━━ Supplied entries ━━

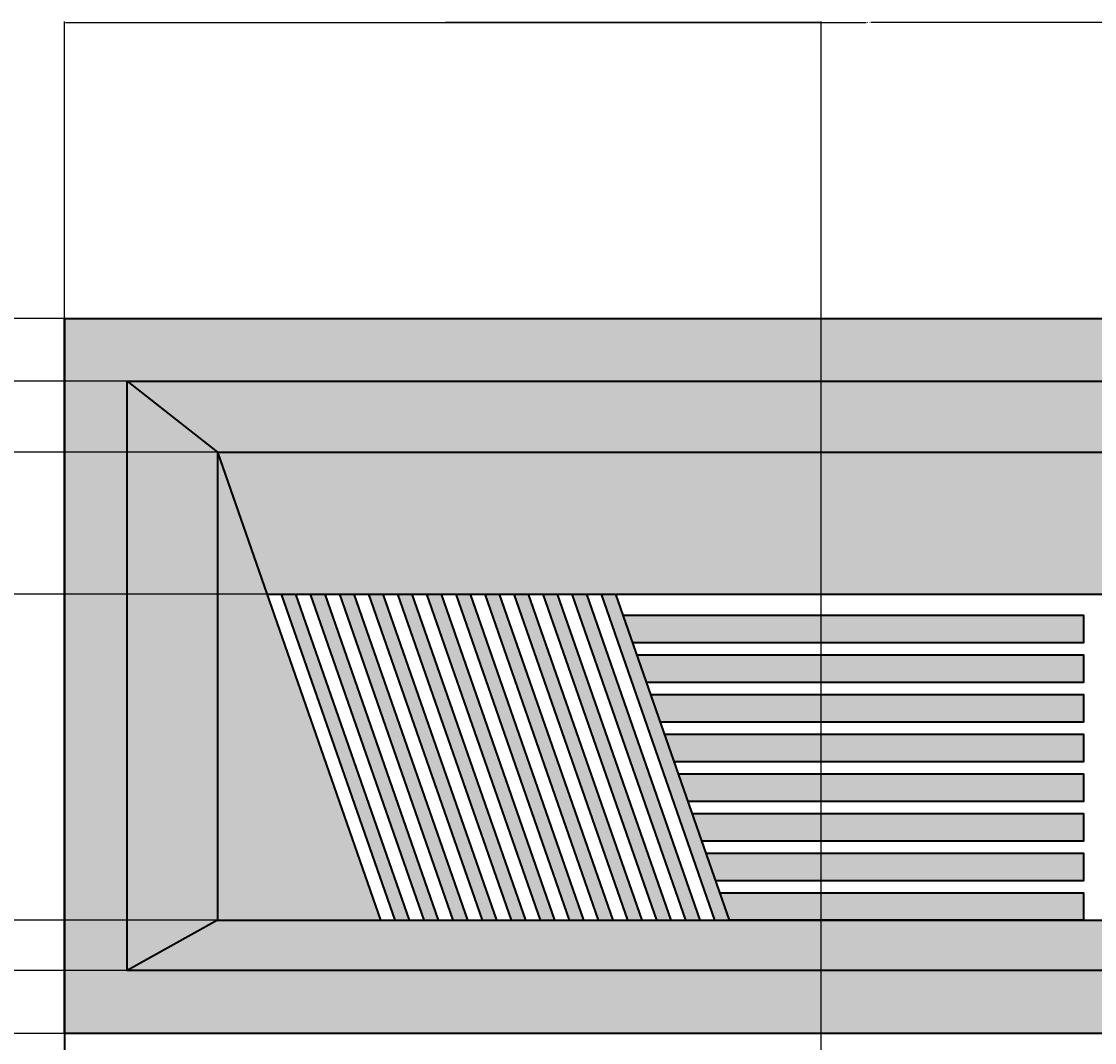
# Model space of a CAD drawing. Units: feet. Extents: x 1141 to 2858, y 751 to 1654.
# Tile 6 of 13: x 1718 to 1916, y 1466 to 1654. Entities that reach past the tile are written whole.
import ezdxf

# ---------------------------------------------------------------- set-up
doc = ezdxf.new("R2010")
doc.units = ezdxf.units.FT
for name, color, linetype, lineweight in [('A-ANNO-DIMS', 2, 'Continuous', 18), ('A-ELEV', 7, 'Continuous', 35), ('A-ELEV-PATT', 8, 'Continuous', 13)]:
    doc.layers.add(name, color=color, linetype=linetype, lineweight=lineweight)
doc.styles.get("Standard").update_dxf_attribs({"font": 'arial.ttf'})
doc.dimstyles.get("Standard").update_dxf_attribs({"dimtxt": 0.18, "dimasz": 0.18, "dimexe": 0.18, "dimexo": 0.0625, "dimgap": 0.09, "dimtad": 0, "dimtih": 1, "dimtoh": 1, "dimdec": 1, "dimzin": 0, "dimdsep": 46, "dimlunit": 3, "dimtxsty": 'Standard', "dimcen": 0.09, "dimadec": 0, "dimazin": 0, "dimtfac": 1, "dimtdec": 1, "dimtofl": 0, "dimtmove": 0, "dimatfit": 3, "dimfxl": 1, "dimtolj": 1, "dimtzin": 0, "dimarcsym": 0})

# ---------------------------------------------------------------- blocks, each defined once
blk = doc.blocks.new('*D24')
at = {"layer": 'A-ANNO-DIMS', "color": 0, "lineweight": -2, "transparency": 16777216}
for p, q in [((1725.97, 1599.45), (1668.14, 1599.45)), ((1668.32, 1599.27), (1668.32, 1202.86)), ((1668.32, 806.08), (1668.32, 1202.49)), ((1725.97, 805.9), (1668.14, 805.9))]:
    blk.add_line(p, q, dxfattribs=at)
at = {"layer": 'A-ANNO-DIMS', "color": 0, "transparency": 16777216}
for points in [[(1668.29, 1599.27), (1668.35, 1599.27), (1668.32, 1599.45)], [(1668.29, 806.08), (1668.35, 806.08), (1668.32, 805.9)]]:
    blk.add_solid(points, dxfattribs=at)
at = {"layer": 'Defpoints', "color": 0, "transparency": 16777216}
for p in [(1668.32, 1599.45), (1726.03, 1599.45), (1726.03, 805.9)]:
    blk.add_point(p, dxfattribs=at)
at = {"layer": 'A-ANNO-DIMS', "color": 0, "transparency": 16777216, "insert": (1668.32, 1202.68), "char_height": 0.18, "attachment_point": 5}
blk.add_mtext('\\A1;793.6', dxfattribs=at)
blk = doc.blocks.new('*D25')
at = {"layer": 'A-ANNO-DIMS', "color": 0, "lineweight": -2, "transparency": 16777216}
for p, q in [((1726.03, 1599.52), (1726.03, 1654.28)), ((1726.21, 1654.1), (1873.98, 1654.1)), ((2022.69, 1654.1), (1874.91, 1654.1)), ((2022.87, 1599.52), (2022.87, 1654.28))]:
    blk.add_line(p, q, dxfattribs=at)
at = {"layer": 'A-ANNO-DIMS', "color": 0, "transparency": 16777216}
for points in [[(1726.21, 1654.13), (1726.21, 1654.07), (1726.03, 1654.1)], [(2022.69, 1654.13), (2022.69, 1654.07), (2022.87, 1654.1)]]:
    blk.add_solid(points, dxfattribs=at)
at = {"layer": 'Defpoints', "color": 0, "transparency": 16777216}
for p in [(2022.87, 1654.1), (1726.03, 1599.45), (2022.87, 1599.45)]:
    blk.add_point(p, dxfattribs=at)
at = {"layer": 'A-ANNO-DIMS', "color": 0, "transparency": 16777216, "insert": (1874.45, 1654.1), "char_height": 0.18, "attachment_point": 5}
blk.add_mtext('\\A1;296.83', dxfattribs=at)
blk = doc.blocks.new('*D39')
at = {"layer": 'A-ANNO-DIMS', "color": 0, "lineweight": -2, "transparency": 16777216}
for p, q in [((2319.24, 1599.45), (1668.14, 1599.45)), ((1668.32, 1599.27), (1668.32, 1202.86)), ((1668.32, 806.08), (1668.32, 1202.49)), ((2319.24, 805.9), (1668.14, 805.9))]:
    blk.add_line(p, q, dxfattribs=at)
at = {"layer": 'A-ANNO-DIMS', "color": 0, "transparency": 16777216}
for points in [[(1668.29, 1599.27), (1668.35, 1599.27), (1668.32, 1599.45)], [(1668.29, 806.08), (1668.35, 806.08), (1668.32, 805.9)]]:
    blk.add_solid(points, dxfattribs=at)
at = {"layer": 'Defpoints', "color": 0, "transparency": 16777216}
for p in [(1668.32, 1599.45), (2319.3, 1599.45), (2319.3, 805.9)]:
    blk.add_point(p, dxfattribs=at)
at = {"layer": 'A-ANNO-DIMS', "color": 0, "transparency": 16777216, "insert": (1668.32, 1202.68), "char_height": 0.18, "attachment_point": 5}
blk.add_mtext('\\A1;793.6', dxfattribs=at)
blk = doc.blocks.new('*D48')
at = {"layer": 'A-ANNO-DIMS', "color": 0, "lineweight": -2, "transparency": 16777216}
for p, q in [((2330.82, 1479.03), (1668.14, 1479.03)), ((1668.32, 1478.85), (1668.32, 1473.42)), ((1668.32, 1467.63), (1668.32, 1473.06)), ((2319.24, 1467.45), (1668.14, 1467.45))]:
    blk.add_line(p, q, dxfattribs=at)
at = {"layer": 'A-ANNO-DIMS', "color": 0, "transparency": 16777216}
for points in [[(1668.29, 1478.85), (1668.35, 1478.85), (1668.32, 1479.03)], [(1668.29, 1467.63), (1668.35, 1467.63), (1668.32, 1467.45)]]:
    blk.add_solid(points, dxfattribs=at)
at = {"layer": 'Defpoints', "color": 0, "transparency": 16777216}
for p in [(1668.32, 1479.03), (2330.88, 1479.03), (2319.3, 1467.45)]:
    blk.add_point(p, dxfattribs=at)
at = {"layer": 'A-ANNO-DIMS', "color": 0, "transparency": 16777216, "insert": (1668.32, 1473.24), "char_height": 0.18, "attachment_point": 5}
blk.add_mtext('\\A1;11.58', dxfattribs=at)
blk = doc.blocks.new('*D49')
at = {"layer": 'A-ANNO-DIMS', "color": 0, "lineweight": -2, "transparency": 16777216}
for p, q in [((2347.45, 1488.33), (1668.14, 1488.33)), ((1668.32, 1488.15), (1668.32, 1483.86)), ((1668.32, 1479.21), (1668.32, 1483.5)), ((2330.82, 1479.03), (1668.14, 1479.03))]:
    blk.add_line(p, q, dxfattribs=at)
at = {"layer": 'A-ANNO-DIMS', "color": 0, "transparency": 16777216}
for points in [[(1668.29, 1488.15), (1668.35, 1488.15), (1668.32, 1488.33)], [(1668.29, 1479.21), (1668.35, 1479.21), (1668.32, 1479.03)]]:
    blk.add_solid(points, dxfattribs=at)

━━━

§ **Exercise brief**:
Please repeat every record above exactly, but leave out the pictures.

§ **Answer box**:
# Model space of a CAD drawing. Units: feet. Extents: x 1141 to 2858, y 751 to 1654.
# Tile 6 of 13: x 1718 to 1916, y 1466 to 1654. Entities that reach past the tile are written whole.
import ezdxf

# ---------------------------------------------------------------- set-up
doc = ezdxf.new("R2010")
doc.units = ezdxf.units.FT
for name, color, linetype, lineweight in [('A-ANNO-DIMS', 2, 'Continuous', 18), ('A-ELEV', 7, 'Continuous', 35), ('A-ELEV-PATT', 8, 'Continuous', 13)]:
    doc.layers.add(name, color=color, linetype=linetype, lineweight=lineweight)
doc.styles.get("Standard").update_dxf_attribs({"font": 'arial.ttf'})
doc.dimstyles.get("Standard").update_dxf_attribs({"dimtxt": 0.18, "dimasz": 0.18, "dimexe": 0.18, "dimexo": 0.0625, "dimgap": 0.09, "dimtad": 0, "dimtih": 1, "dimtoh": 1, "dimdec": 1, "dimzin": 0, "dimdsep": 46, "dimlunit": 3, "dimtxsty": 'Standard', "dimcen": 0.09, "dimadec": 0, "dimazin": 0, "dimtfac": 1, "dimtdec": 1, "dimtofl": 0, "dimtmove": 0, "dimatfit": 3, "dimfxl": 1, "dimtolj": 1, "dimtzin": 0, "dimarcsym": 0})

# ---------------------------------------------------------------- blocks, each defined once
blk = doc.blocks.new('*D24')
at = {"layer": 'A-ANNO-DIMS', "color": 0, "lineweight": -2, "transparency": 16777216}
for p, q in [((1725.97, 1599.45), (1668.14, 1599.45)), ((1668.32, 1599.27), (1668.32, 1202.86)), ((1668.32, 806.08), (1668.32, 1202.49)), ((1725.97, 805.9), (1668.14, 805.9))]:
    blk.add_line(p, q, dxfattribs=at)
at = {"layer": 'A-ANNO-DIMS', "color": 0, "transparency": 16777216}
for points in [[(1668.29, 1599.27), (1668.35, 1599.27), (1668.32, 1599.45)], [(1668.29, 806.08), (1668.35, 806.08), (1668.32, 805.9)]]:
    blk.add_solid(points, dxfattribs=at)
at = {"layer": 'Defpoints', "color": 0, "transparency": 16777216}
for p in [(1668.32, 1599.45), (1726.03, 1599.45), (1726.03, 805.9)]:
    blk.add_point(p, dxfattribs=at)
at = {"layer": 'A-ANNO-DIMS', "color": 0, "transparency": 16777216, "insert": (1668.32, 1202.68), "char_height": 0.18, "attachment_point": 5}
blk.add_mtext('\\A1;793.6', dxfattribs=at)
blk = doc.blocks.new('*D25')
at = {"layer": 'A-ANNO-DIMS', "color": 0, "lineweight": -2, "transparency": 16777216}
for p, q in [((1726.03, 1599.52), (1726.03, 1654.28)), ((1726.21, 1654.1), (1873.98, 1654.1)), ((2022.69, 1654.1), (1874.91, 1654.1)), ((2022.87, 1599.52), (2022.87, 1654.28))]:
    blk.add_line(p, q, dxfattribs=at)
at = {"layer": 'A-ANNO-DIMS', "color": 0, "transparency": 16777216}
for points in [[(1726.21, 1654.13), (1726.21, 1654.07), (1726.03, 1654.1)], [(2022.69, 1654.13), (2022.69, 1654.07), (2022.87, 1654.1)]]:
    blk.add_solid(points, dxfattribs=at)
at = {"layer": 'Defpoints', "color": 0, "transparency": 16777216}
for p in [(2022.87, 1654.1), (1726.03, 1599.45), (2022.87, 1599.45)]:
    blk.add_point(p, dxfattribs=at)
at = {"layer": 'A-ANNO-DIMS', "color": 0, "transparency": 16777216, "insert": (1874.45, 1654.1), "char_height": 0.18, "attachment_point": 5}
blk.add_mtext('\\A1;296.83', dxfattribs=at)
blk = doc.blocks.new('*D39')
at = {"layer": 'A-ANNO-DIMS', "color": 0, "lineweight": -2, "transparency": 16777216}
for p, q in [((2319.24, 1599.45), (1668.14, 1599.45)), ((1668.32, 1599.27), (1668.32, 1202.86)), ((1668.32, 806.08), (1668.32, 1202.49)), ((2319.24, 805.9), (1668.14, 805.9))]:
    blk.add_line(p, q, dxfattribs=at)
at = {"layer": 'A-ANNO-DIMS', "color": 0, "transparency": 16777216}
for points in [[(1668.29, 1599.27), (1668.35, 1599.27), (1668.32, 1599.45)], [(1668.29, 806.08), (1668.35, 806.08), (1668.32, 805.9)]]:
    blk.add_solid(points, dxfattribs=at)
at = {"layer": 'Defpoints', "color": 0, "transparency": 16777216}
for p in [(1668.32, 1599.45), (2319.3, 1599.45), (2319.3, 805.9)]:
    blk.add_point(p, dxfattribs=at)
at = {"layer": 'A-ANNO-DIMS', "color": 0, "transparency": 16777216, "insert": (1668.32, 1202.68), "char_height": 0.18, "attachment_point": 5}
blk.add_mtext('\\A1;793.6', dxfattribs=at)
blk = doc.blocks.new('*D48')
at = {"layer": 'A-ANNO-DIMS', "color": 0, "lineweight": -2, "transparency": 16777216}
for p, q in [((2330.82, 1479.03), (1668.14, 1479.03)), ((1668.32, 1478.85), (1668.32, 1473.42)), ((1668.32, 1467.63), (1668.32, 1473.06)), ((2319.24, 1467.45), (1668.14, 1467.45))]:
    blk.add_line(p, q, dxfattribs=at)
at = {"layer": 'A-ANNO-DIMS', "color": 0, "transparency": 16777216}
for points in [[(1668.29, 1478.85), (1668.35, 1478.85), (1668.32, 1479.03)], [(1668.29, 1467.63), (1668.35, 1467.63), (1668.32, 1467.45)]]:
    blk.add_solid(points, dxfattribs=at)
at = {"layer": 'Defpoints', "color": 0, "transparency": 16777216}
for p in [(1668.32, 1479.03), (2330.88, 1479.03), (2319.3, 1467.45)]:
    blk.add_point(p, dxfattribs=at)
at = {"layer": 'A-ANNO-DIMS', "color": 0, "transparency": 16777216, "insert": (1668.32, 1473.24), "char_height": 0.18, "attachment_point": 5}
blk.add_mtext('\\A1;11.58', dxfattribs=at)
blk = doc.blocks.new('*D49')
at = {"layer": 'A-ANNO-DIMS', "color": 0, "lineweight": -2, "transparency": 16777216}
for p, q in [((2347.45, 1488.33), (1668.14, 1488.33)), ((1668.32, 1488.15), (1668.32, 1483.86)), ((1668.32, 1479.21), (1668.32, 1483.5)), ((2330.82, 1479.03), (1668.14, 1479.03))]:
    blk.add_line(p, q, dxfattribs=at)
at = {"layer": 'A-ANNO-DIMS', "color": 0, "transparency": 16777216}
for points in [[(1668.29, 1488.15), (1668.35, 1488.15), (1668.32, 1488.33)], [(1668.29, 1479.21), (1668.35, 1479.21), (1668.32, 1479.03)]]:
    blk.add_solid(points, dxfattribs=at)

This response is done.